***** Given records *****

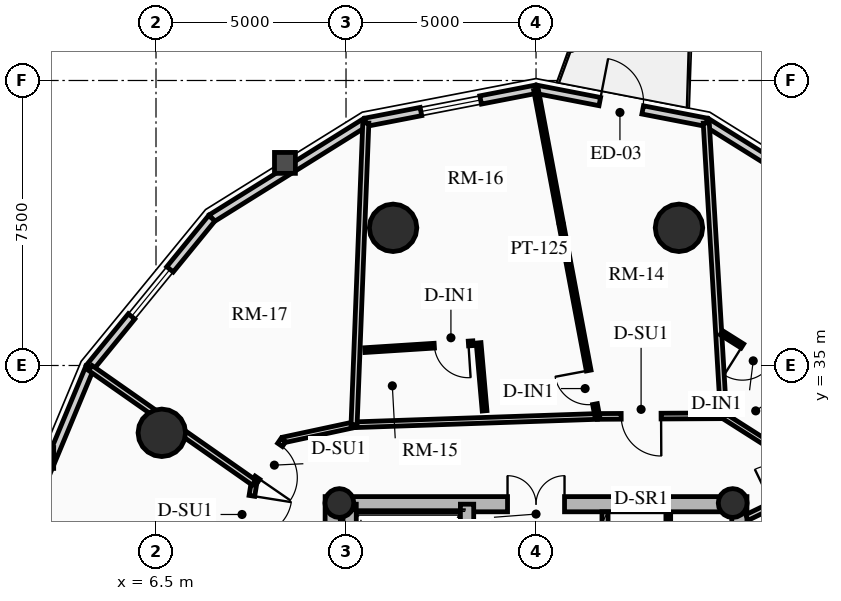
"""IFC4 building model, lengths in metres.
Left out: names, types, materials, properties, quantities, classifications, styles, units other than length and angle.
Written with IfcOpenShell. Run it as: python <this file> out.ifc"""

import sys

from ifc_helpers import new_model, si_unit, direction, frame, frame_2d, origin, origin_2d, place, context, subcontext, project, spatial, rectangle, circle, hollow_circle, extrude, source, transform, mapped, element, fill, save


model = new_model("IFC4")
c1 = context("Model", 3, precision=1e-05, world=origin(), true_north=direction((0.0, 1.0)))
c2 = subcontext(c1, "Body", "Model", "MODEL_VIEW")
j1 = project(units=[si_unit("LENGTHUNIT", "METRE"), si_unit("PLANEANGLEUNIT", "RADIAN")], contexts=[c1])
p1 = place(None, origin())
s1 = spatial("IfcSite", under=j1, at=p1, CompositionType="ELEMENT")
p2 = place(p1, origin())
s2 = spatial("IfcBuilding", under=s1, at=p2, CompositionType="ELEMENT")
p3 = place(p2, frame((0.0, 0.0, 154.51)))
s3 = spatial("IfcBuildingStorey", under=s2, at=p3, CompositionType="ELEMENT", Elevation=154.51)
for number, where, z_axis, x_axis in (
    (1, (11.15, 17.45, 0.0), (0.0, 0.0, 1.0), (0.0, 1.0, 0.0)),
    (2, (21.85, 17.45, 0.0), (0.0, 0.0, 1.0), (0.0, 1.0, 0.0)),
):
    element("IfcWall", number, at=place(p3, frame(where, z_axis=z_axis, x_axis=x_axis)), inside=s3, PredefinedType="SHEAR", context=c2, shape_type="SweptSolid", body=[
        extrude(rectangle(XDim=14.1, YDim=0.4, at=frame_2d((7.05, 0.0))), origin(), (0.0, 0.0, 1.0), 2.91),
    ])
p4 = place(p3, frame((11.15, 31.35, 0.0), z_axis=(0.0, 0.0, 1.0), x_axis=(1.0, 0.0, 0.0)))
e3 = element("IfcWall", 3, at=p4, inside=s3, PredefinedType="SHEAR", context=c2, shape_type="SweptSolid", body=[
    extrude(rectangle(XDim=10.7, YDim=0.4, at=frame_2d((5.35, 0.0))), origin(), (0.0, 0.0, 1.0), 2.91),
])
m1 = source(origin(), c2, "Body", "SweptSolid", [
    extrude(rectangle(XDim=1.5, YDim=2.02, at=frame_2d((0.75, 1.01))), frame((0.0, 0.21, 0.0), z_axis=(0.0, -1.0, 0.0), x_axis=(1.0, 0.0, 0.0)), (0.0, 0.0, 1.0), 0.42),
])
p5 = place(p4, frame((4.6, 0.0, 0.0)))
e4 = element("IfcOpeningElement", 4, at=p5, cuts=e3, PredefinedType="OPENING", context=c2, shape_type="MappedRepresentation", body=[
    mapped(m1, transform((0.0, 0.0, 0.0), x_axis=(1.0, 0.0, 0.0), y_axis=(0.0, 1.0, 0.0), z_axis=(0.0, 0.0, 1.0), scale=1.0)),
])
p6 = place(p3, frame((14.685, 17.65, 0.0), z_axis=(0.0, 0.0, 1.0), x_axis=(0.0, 1.0, 0.0)))
e5 = element("IfcWall", 5, at=p6, inside=s3, PredefinedType="SHEAR", context=c2, shape_type="SweptSolid", body=[
    extrude(rectangle(XDim=13.7, YDim=0.35, at=frame_2d((6.85, 0.0))), origin(), (0.0, 0.0, 1.0), 2.91),
])
m2 = source(origin(), c2, "Body", "SweptSolid", [
    extrude(rectangle(XDim=1.1, YDim=2.015, at=frame_2d((0.55, 1.007))), frame((0.0, 0.185, 0.0), z_axis=(0.0, -1.0, 0.0), x_axis=(1.0, 0.0, 0.0)), (0.0, 0.0, 1.0), 0.37),
])
p7 = place(p6, frame((4.85, 0.0, 0.0)))
e6 = element("IfcOpeningElement", 6, at=p7, cuts=e5, PredefinedType="OPENING", context=c2, shape_type="MappedRepresentation", body=[
    mapped(m2, transform((0.0, 0.0, 0.0), x_axis=(1.0, 0.0, 0.0), y_axis=(0.0, 1.0, 0.0), z_axis=(0.0, 0.0, 1.0), scale=1.0)),
])
p8 = place(p6, frame((0.625, 0.0, 0.0)))
e7 = element("IfcOpeningElement", 7, at=p8, cuts=e5, PredefinedType="OPENING", context=c2, shape_type="MappedRepresentation", body=[
    mapped(m2, transform((0.0, 0.0, 0.0), x_axis=(1.0, 0.0, 0.0), y_axis=(0.0, 1.0, 0.0), z_axis=(0.0, 0.0, 1.0), scale=1.0)),
])
p9 = place(p6, frame((2.625, 0.0, 0.0)))
e8 = element("IfcOpeningElement", 8, at=p9, cuts=e5, PredefinedType="OPENING", context=c2, shape_type="MappedRepresentation", body=[
    mapped(m2, transform((0.0, 0.0, 0.0), x_axis=(1.0, 0.0, 0.0), y_axis=(0.0, 1.0, 0.0), z_axis=(0.0, 0.0, 1.0), scale=1.0)),
])
m3 = source(origin(), c2, "Body", "SweptSolid", [
    extrude(rectangle(XDim=1.15, YDim=2.02, at=frame_2d((0.575, 1.01))), frame((0.0, 0.185, 0.0), z_axis=(0.0, -1.0, 0.0), x_axis=(1.0, 0.0, 0.0)), (0.0, 0.0, 1.0), 0.37),
])
p10 = place(p6, frame((7.27, 0.0, 0.0)))
e9 = element("IfcOpeningElement", 9, at=p10, cuts=e5, PredefinedType="OPENING", context=c2, shape_type="MappedRepresentation", body=[
    mapped(m3, transform((0.0, 0.0, 0.0), x_axis=(1.0, 0.0, 0.0), y_axis=(0.0, 1.0, 0.0), z_axis=(0.0, 0.0, 1.0), scale=1.0)),
])
p11 = place(p3, frame((11.595, 24.655, 0.0), z_axis=(0.0, 0.0, 1.0), x_axis=(0.0, 1.0, 0.0)))
e10 = element("IfcWall", 10, at=p11, inside=s3, PredefinedType="SHEAR", context=c2, shape_type="SweptSolid", body=[
    extrude(rectangle(XDim=6.695, YDim=0.35, at=frame_2d((3.348, 0.0))), origin(), (0.0, 0.0, 1.0), 2.91),
])
for number, where, z_axis, x_axis in (
    (11, (11.325, 31.38, 0.0), (0.0, 0.0, 1.0), (1.0, 0.0, 0.0)),
    (12, (21.675, 31.38, 0.0), (0.0, 0.0, 1.0), (1.0, 0.0, 0.0)),
):
    element("IfcColumn", number, at=place(p3, frame(where, z_axis=z_axis, x_axis=x_axis)), inside=s3, PredefinedType="COLUMN", context=c2, shape_type="SweptSolid", body=[
        extrude(hollow_circle(Radius=0.38, WallThickness=0.032, at=origin_2d()), origin(), (0.0, 0.0, 1.0), 2.91),
    ])
for number, where, z_axis, x_axis in (
    (13, (20.261, 38.623, 0.0), (0.0, 0.0, 1.0), (1.0, 0.0, 0.0)),
    (14, (12.739, 38.623, 0.0), (0.0, 0.0, 1.0), (1.0, 0.0, 0.0)),
    (15, (6.653, 33.229, 0.0), (0.0, 0.0, 1.0), (1.0, 0.0, 0.0)),
):
    element("IfcColumn", number, at=place(p3, frame(where, z_axis=z_axis, x_axis=x_axis)), inside=s3, PredefinedType="USERDEFINED", context=c2, shape_type="SweptSolid", body=[
        extrude(circle(Radius=0.625, at=origin_2d()), origin(), (0.0, 0.0, 1.0), 2.91),
    ])
p12 = place(p3, frame((20.985, 41.4, 0.0), z_axis=(0.0, 0.0, 1.0), x_axis=(0.848452391194, -0.529271707044, 0.0)))
e16 = element("IfcWall", 16, at=p12, inside=s3, PredefinedType="SOLIDWALL", context=c2, shape_type="SweptSolid", body=[
    extrude(rectangle(XDim=4.769, YDim=0.22, at=frame_2d((2.385, 0.0))), origin(), (0.0, 0.0, 1.0), 2.245),
])
p13 = place(p3, frame((16.5, 42.27, 0.0), z_axis=(0.0, 0.0, 1.0), x_axis=(0.981718699963, -0.190337579429, 0.0)))
e17 = element("IfcWall", 17, at=p13, inside=s3, PredefinedType="SOLIDWALL", context=c2, shape_type="SweptSolid", body=[
    extrude(rectangle(XDim=4.569, YDim=0.22, at=frame_2d((2.284, 0.0))), origin(), (0.0, 0.0, 1.0), 2.245),
])
m4 = source(origin(), c2, "Body", "SweptSolid", [
    extrude(rectangle(XDim=1.15, YDim=2.005, at=frame_2d((0.575, 1.002))), frame((0.0, 0.12, 0.0), z_axis=(0.0, -1.0, 0.0), x_axis=(1.0, 0.0, 0.0)), (0.0, 0.0, 1.0), 0.24),
])
p14 = place(p13, frame((1.709, 0.0, 0.0)))
e18 = element("IfcOpeningElement", 18, at=p14, cuts=e17, PredefinedType="OPENING", context=c2, shape_type="MappedRepresentation", body=[
    mapped(m4, transform((0.0, 0.0, 0.0), x_axis=(1.0, 0.0, 0.0), y_axis=(0.0, 1.0, 0.0), z_axis=(0.0, 0.0, 1.0), scale=1.0)),
])
p15 = place(p3, frame((12.015, 41.4, 0.0), z_axis=(0.0, 0.0, 1.0), x_axis=(0.981718699963, 0.190337579429, 0.0)))
e19 = element("IfcWall", 19, at=p15, inside=s3, PredefinedType="SOLIDWALL", context=c2, shape_type="SweptSolid", body=[
    extrude(rectangle(XDim=4.569, YDim=0.22, at=frame_2d((2.284, 0.0))), origin(), (0.0, 0.0, 1.0), 2.245),
])
m5 = source(origin(), c2, "Body", "SweptSolid", [
    extrude(rectangle(XDim=1.6, YDim=1.3, at=frame_2d((0.8, 0.65))), frame((0.0, 0.12, 0.0), z_axis=(0.0, -1.0, 0.0), x_axis=(1.0, 0.0, 0.0)), (0.0, 0.0, 1.0), 0.24),
])
p16 = place(p15, frame((1.484, 0.0, 0.65)))
e20 = element("IfcOpeningElement", 20, at=p16, cuts=e19, PredefinedType="OPENING", context=c2, shape_type="MappedRepresentation", body=[
    mapped(m5, transform((0.0, 0.0, 0.0), x_axis=(1.0, 0.0, 0.0), y_axis=(0.0, 1.0, 0.0), z_axis=(0.0, 0.0, 1.0), scale=1.0)),
])
p17 = place(p3, frame((7.968, 38.876, 0.0), z_axis=(0.0, 0.0, 1.0), x_axis=(0.848452391194, 0.529271707044, 0.0)))
e21 = element("IfcWall", 21, at=p17, inside=s3, PredefinedType="SOLIDWALL", context=c2, shape_type="SweptSolid", body=[
    extrude(rectangle(XDim=4.769, YDim=0.22, at=frame_2d((2.385, 0.0))), origin(), (0.0, 0.0, 1.0), 2.245),
])
p18 = place(p3, frame((4.757, 34.945, 0.0), z_axis=(0.0, 0.0, 1.0), x_axis=(0.632598524901, 0.774479894053, 0.0)))
e22 = element("IfcWall", 22, at=p18, inside=s3, PredefinedType="SOLIDWALL", context=c2, shape_type="SweptSolid", body=[
    extrude(rectangle(XDim=5.076, YDim=0.22, at=frame_2d((2.538, 0.0))), origin(), (0.0, 0.0, 1.0), 2.245),
])
p19 = place(p18, frame((1.738, 0.0, 0.65)))
e23 = element("IfcOpeningElement", 23, at=p19, cuts=e22, PredefinedType="OPENING", context=c2, shape_type="MappedRepresentation", body=[
    mapped(m5, transform((0.0, 0.0, 0.0), x_axis=(1.0, 0.0, 0.0), y_axis=(0.0, 1.0, 0.0), z_axis=(0.0, 0.0, 1.0), scale=1.0)),
])
p20 = place(p3, frame((2.695, 29.991, 0.0), z_axis=(0.0, 0.0, 1.0), x_axis=(0.384259959969, 0.923224936386, 0.0)))
e24 = element("IfcWall", 24, at=p20, inside=s3, PredefinedType="SOLIDWALL", context=c2, shape_type="SweptSolid", body=[
    extrude(rectangle(XDim=5.365, YDim=0.22, at=frame_2d((2.683, 0.0))), origin(), (0.0, 0.0, 1.0), 2.245),
])
p21 = place(p3, frame((18.315, 27.25, 0.0), z_axis=(0.0, 0.0, 1.0), x_axis=(0.0, 1.0, 0.0)))
e25 = element("IfcWall", 25, at=p21, inside=s3, PredefinedType="PARTITIONING", context=c2, shape_type="SweptSolid", body=[
    extrude(rectangle(XDim=3.9, YDim=0.16, at=frame_2d((1.95, 0.0))), origin(), (0.0, 0.0, 1.0), 2.675),
])
m6 = source(origin(), c2, "Body", "SweptSolid", [
    extrude(rectangle(XDim=0.9, YDim=2.005, at=frame_2d((0.45, 1.002))), frame((0.0, 0.09, 0.0), z_axis=(0.0, -1.0, 0.0), x_axis=(1.0, 0.0, 0.0)), (0.0, 0.0, 1.0), 0.18),
])
p22 = place(p21, frame((2.2, 0.0, 0.0)))
e26 = element("IfcOpeningElement", 26, at=p22, cuts=e25, PredefinedType="OPENING", context=c2, shape_type="MappedRepresentation", body=[
    mapped(m6, transform((0.0, 0.0, 0.0), x_axis=(1.0, 0.0, 0.0), y_axis=(0.0, 1.0, 0.0), z_axis=(0.0, 0.0, 1.0), scale=1.0)),
])
p23 = place(p3, frame((19.98, 27.3, 0.0), z_axis=(0.0, 0.0, 1.0), x_axis=(0.0, 1.0, 0.0)))
e27 = element("IfcWall", 27, at=p23, inside=s3, PredefinedType="PARTITIONING", context=c2, shape_type="SweptSolid", body=[
    extrude(rectangle(XDim=3.82, YDim=0.125, at=frame_2d((1.91, 0.0))), origin(), (0.0, 0.0, 1.0), 2.675),
])
m7 = source(origin(), c2, "Body", "SweptSolid", [
    extrude(rectangle(XDim=0.9, YDim=2.005, at=frame_2d((0.45, 1.002))), frame((0.0, 0.073, 0.0), z_axis=(0.0, -1.0, 0.0), x_axis=(1.0, 0.0, 0.0)), (0.0, 0.0, 1.0), 0.145),
])
p24 = place(p23, frame((1.45, 0.0, 0.0)))
e28 = element("IfcOpeningElement", 28, at=p24, cuts=e27, PredefinedType="OPENING", context=c2, shape_type="MappedRepresentation", body=[
    mapped(m7, transform((0.0, 0.0, 0.0), x_axis=(1.0, 0.0, 0.0), y_axis=(0.0, 1.0, 0.0), z_axis=(0.0, 0.0, 1.0), scale=1.0)),
])
p25 = place(p3, frame((22.756, 32.836, 0.0), z_axis=(0.0, 0.0, 1.0), x_axis=(-0.843828401801, 0.536613108593, 0.0)))
e29 = element("IfcWall", 29, at=p25, inside=s3, PredefinedType="PARTITIONING", context=c2, shape_type="SweptSolid", body=[
    extrude(rectangle(XDim=1.565, YDim=0.15, at=frame_2d((0.783, 0.0))), origin(), (0.0, 0.0, 1.0), 2.245),
])
p26 = place(p3, frame((21.435, 33.677, 0.0), z_axis=(0.0, 0.0, 1.0), x_axis=(-0.999986775557, -0.005142831114, 0.0)))
e30 = element("IfcWall", 30, at=p26, inside=s3, PredefinedType="PARTITIONING", context=c2, shape_type="SweptSolid", body=[
    extrude(rectangle(XDim=3.323, YDim=0.15, at=frame_2d((1.662, 0.0))), origin(), (0.0, 0.0, 1.0), 2.245),
])
m8 = source(origin(), c2, "Body", "SweptSolid", [
    extrude(rectangle(XDim=1.05, YDim=2.015, at=frame_2d((0.525, 1.007))), frame((0.0, 0.085, 0.0), z_axis=(0.0, -1.0, 0.0), x_axis=(1.0, 0.0, 0.0)), (0.0, 0.0, 1.0), 0.17),
])
p27 = place(p26, frame((1.645, 0.0, 0.0)))
e31 = element("IfcOpeningElement", 31, at=p27, cuts=e30, PredefinedType="OPENING", context=c2, shape_type="MappedRepresentation", body=[
    mapped(m8, transform((0.0, 0.0, 0.0), x_axis=(1.0, 0.0, 0.0), y_axis=(0.0, 1.0, 0.0), z_axis=(0.0, 0.0, 1.0), scale=1.0)),
])
p28 = place(p3, frame((18.112, 33.659, 0.0), z_axis=(0.0, 0.0, 1.0), x_axis=(-0.999413895918, -0.034232508622, 0.0)))
e32 = element("IfcWall", 32, at=p28, inside=s3, PredefinedType="PARTITIONING", context=c2, shape_type="SweptSolid", body=[
    extrude(rectangle(XDim=6.404, YDim=0.15, at=frame_2d((3.202, 0.0))), origin(), (0.0, 0.0, 1.0), 2.245),
])
p29 = place(p3, frame((11.712, 33.44, 0.0), z_axis=(0.0, 0.0, 1.0), x_axis=(-0.977753514213, -0.209757158265, 0.0)))
e33 = element("IfcWall", 33, at=p29, inside=s3, PredefinedType="PARTITIONING", context=c2, shape_type="SweptSolid", body=[
    extrude(rectangle(XDim=1.901, YDim=0.15, at=frame_2d((0.95, 0.0))), origin(), (0.0, 0.0, 1.0), 2.245),
])
p30 = place(p3, frame((9.853, 33.042, 0.0), z_axis=(0.0, 0.0, 1.0), x_axis=(-0.567189283521, -0.823587467522, 0.0)))
e34 = element("IfcWall", 34, at=p30, inside=s3, PredefinedType="PARTITIONING", context=c2, shape_type="SweptSolid", body=[
    extrude(rectangle(XDim=1.365, YDim=0.15, at=frame_2d((0.682, 0.0))), origin(), (0.0, 0.0, 1.0), 2.245),
])
p31 = place(p30, frame((0.157, 0.0, 0.0)))
e35 = element("IfcOpeningElement", 35, at=p31, cuts=e34, PredefinedType="OPENING", context=c2, shape_type="MappedRepresentation", body=[
    mapped(m8, transform((0.0, 0.0, 0.0), x_axis=(1.0, 0.0, 0.0), y_axis=(0.0, 1.0, 0.0), z_axis=(0.0, 0.0, 1.0), scale=1.0)),
])
p32 = place(p3, frame((9.079, 31.918, 0.0), z_axis=(0.0, 0.0, 1.0), x_axis=(-0.15742775293, -0.987530507178, 0.0)))
e36 = element("IfcWall", 36, at=p32, inside=s3, PredefinedType="PARTITIONING", context=c2, shape_type="SweptSolid", body=[
    extrude(rectangle(XDim=1.523, YDim=0.15, at=frame_2d((0.761, 0.0))), origin(), (0.0, 0.0, 1.0), 2.245),
])
p33 = place(p32, frame((0.353, 0.0, 0.0)))
e37 = element("IfcOpeningElement", 37, at=p33, cuts=e36, PredefinedType="OPENING", context=c2, shape_type="MappedRepresentation", body=[
    mapped(m8, transform((0.0, 0.0, 0.0), x_axis=(1.0, 0.0, 0.0), y_axis=(0.0, 1.0, 0.0), z_axis=(0.0, 0.0, 1.0), scale=1.0)),
])
p34 = place(p3, frame((21.435, 33.677, 0.0), z_axis=(0.0, 0.0, 1.0), x_axis=(-0.059087305226, 0.99825281886, 0.0)))
e38 = element("IfcWall", 38, at=p34, inside=s3, PredefinedType="PARTITIONING", context=c2, shape_type="SweptSolid", body=[
    extrude(rectangle(XDim=7.718, YDim=0.16, at=frame_2d((3.859, 0.0))), origin(), (0.0, 0.0, 1.0), 2.245),
])
p35 = place(p3, frame((11.712, 33.44, 0.0), z_axis=(0.0, 0.0, 1.0), x_axis=(0.038892064024, 0.999243417469, 0.0)))
e39 = element("IfcWall", 39, at=p35, inside=s3, PredefinedType="PARTITIONING", context=c2, shape_type="SweptSolid", body=[
    extrude(rectangle(XDim=7.947, YDim=0.16, at=frame_2d((3.974, 0.0))), origin(), (0.0, 0.0, 1.0), 2.245),
])
p36 = place(p3, frame((9.079, 31.918, 0.0), z_axis=(0.0, 0.0, 1.0), x_axis=(-0.819135909075, 0.573599479135, 0.0)))
e40 = element("IfcWall", 40, at=p36, inside=s3, PredefinedType="PARTITIONING", context=c2, shape_type="SweptSolid", body=[
    extrude(rectangle(XDim=5.257, YDim=0.16, at=frame_2d((2.628, 0.0))), origin(), (0.0, 0.0, 1.0), 2.245),
])
p37 = place(p3, frame((22.05, 31.0, 0.0), z_axis=(0.0, 0.0, 1.0), x_axis=(0.900241516545, 0.435390872537, 0.0)))
e41 = element("IfcWall", 41, at=p37, inside=s3, PredefinedType="PARTITIONING", context=c2, shape_type="SweptSolid", body=[
    extrude(rectangle(XDim=1.989, YDim=0.16, at=frame_2d((0.995, 0.0))), origin(), (0.0, 0.0, 1.0), 2.245),
])
m9 = source(origin(), c2, "Body", "SweptSolid", [
    extrude(rectangle(XDim=1.05, YDim=2.015, at=frame_2d((0.525, 1.007))), frame((0.0, 0.09, 0.0), z_axis=(0.0, -1.0, 0.0), x_axis=(1.0, 0.0, 0.0)), (0.0, 0.0, 1.0), 0.18),
])
p38 = place(p37, frame((0.739, 0.0, 0.0)))
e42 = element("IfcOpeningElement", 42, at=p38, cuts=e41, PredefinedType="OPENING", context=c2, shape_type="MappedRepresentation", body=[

*****

- [What is needed] How many lines in the listing contain "direction"? Answer with the number alone.

- [The answer] 2